:: Dataset records ::
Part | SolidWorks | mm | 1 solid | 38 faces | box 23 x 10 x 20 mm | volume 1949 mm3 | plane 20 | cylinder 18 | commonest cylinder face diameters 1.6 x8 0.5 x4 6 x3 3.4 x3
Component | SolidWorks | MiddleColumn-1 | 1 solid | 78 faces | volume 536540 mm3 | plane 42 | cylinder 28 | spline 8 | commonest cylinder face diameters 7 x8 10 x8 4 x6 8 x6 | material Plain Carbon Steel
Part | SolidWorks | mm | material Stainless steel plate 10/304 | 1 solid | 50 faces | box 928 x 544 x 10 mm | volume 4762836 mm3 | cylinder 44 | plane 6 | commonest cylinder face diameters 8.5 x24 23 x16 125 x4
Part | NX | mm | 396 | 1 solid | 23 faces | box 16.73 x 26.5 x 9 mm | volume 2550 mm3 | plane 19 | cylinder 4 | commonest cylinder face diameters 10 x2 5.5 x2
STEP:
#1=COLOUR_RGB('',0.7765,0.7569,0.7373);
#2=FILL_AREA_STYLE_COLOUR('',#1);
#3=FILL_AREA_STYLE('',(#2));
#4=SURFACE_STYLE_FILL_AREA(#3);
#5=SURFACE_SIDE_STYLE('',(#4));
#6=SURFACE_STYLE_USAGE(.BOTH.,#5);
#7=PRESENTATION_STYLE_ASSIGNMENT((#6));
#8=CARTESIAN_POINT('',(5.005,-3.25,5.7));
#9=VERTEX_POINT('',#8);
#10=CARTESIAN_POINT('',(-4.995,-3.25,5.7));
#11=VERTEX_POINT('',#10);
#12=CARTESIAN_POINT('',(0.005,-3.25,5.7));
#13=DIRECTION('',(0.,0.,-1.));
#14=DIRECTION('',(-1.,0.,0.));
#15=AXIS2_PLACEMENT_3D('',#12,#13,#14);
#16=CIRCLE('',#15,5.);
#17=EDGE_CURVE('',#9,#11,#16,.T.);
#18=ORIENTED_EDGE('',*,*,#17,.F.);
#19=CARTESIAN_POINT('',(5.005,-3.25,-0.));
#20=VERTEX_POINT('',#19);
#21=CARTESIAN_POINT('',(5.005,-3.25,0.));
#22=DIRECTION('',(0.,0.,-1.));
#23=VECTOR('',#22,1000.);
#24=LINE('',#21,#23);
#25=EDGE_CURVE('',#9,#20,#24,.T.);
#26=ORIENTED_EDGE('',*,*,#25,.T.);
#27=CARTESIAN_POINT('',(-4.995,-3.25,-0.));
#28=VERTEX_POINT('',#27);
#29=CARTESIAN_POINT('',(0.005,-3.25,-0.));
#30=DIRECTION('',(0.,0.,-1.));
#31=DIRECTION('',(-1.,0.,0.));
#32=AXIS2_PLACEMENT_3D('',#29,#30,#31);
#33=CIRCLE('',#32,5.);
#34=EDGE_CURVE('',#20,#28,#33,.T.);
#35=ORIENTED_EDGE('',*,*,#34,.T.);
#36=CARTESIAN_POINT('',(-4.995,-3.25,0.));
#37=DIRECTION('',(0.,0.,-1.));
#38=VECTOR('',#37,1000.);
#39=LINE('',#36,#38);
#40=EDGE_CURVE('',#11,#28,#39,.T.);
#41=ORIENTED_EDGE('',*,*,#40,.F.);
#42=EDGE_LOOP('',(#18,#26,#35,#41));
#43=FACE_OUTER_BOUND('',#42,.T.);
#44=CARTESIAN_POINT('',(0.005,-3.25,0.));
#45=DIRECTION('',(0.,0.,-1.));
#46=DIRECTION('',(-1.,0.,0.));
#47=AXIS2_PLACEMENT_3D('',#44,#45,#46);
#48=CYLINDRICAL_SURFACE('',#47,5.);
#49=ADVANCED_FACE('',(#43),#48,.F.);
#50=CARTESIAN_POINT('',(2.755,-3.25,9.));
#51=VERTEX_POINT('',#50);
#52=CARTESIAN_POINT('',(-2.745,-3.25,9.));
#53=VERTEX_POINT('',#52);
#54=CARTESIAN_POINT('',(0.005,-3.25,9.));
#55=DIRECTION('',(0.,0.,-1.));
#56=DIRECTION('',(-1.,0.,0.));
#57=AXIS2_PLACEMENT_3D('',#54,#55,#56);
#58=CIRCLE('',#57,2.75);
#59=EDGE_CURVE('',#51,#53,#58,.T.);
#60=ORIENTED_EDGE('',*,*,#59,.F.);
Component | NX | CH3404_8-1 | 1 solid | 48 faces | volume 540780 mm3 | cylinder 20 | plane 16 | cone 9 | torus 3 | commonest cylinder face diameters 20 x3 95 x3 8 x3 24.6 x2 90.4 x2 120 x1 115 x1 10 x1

:: Work request ::
Each line from the start of the listing through the line with "#18=ORIENTED_EDGE('',*,*,#17,.F.);" is to be restated verbatim, both ends included.

:: Task answer ::
Part | SolidWorks | mm | 1 solid | 38 faces | box 23 x 10 x 20 mm | volume 1949 mm3 | plane 20 | cylinder 18 | commonest cylinder face diameters 1.6 x8 0.5 x4 6 x3 3.4 x3
Component | SolidWorks | MiddleColumn-1 | 1 solid | 78 faces | volume 536540 mm3 | plane 42 | cylinder 28 | spline 8 | commonest cylinder face diameters 7 x8 10 x8 4 x6 8 x6 | material Plain Carbon Steel
Part | SolidWorks | mm | material Stainless steel plate 10/304 | 1 solid | 50 faces | box 928 x 544 x 10 mm | volume 4762836 mm3 | cylinder 44 | plane 6 | commonest cylinder face diameters 8.5 x24 23 x16 125 x4
Part | NX | mm | 396 | 1 solid | 23 faces | box 16.73 x 26.5 x 9 mm | volume 2550 mm3 | plane 19 | cylinder 4 | commonest cylinder face diameters 10 x2 5.5 x2
STEP:
#1=COLOUR_RGB('',0.7765,0.7569,0.7373);
#2=FILL_AREA_STYLE_COLOUR('',#1);
#3=FILL_AREA_STYLE('',(#2));
#4=SURFACE_STYLE_FILL_AREA(#3);
#5=SURFACE_SIDE_STYLE('',(#4));
#6=SURFACE_STYLE_USAGE(.BOTH.,#5);
#7=PRESENTATION_STYLE_ASSIGNMENT((#6));
#8=CARTESIAN_POINT('',(5.005,-3.25,5.7));
#9=VERTEX_POINT('',#8);
#10=CARTESIAN_POINT('',(-4.995,-3.25,5.7));
#11=VERTEX_POINT('',#10);
#12=CARTESIAN_POINT('',(0.005,-3.25,5.7));
#13=DIRECTION('',(0.,0.,-1.));
#14=DIRECTION('',(-1.,0.,0.));
#15=AXIS2_PLACEMENT_3D('',#12,#13,#14);
#16=CIRCLE('',#15,5.);
#17=EDGE_CURVE('',#9,#11,#16,.T.);
#18=ORIENTED_EDGE('',*,*,#17,.F.);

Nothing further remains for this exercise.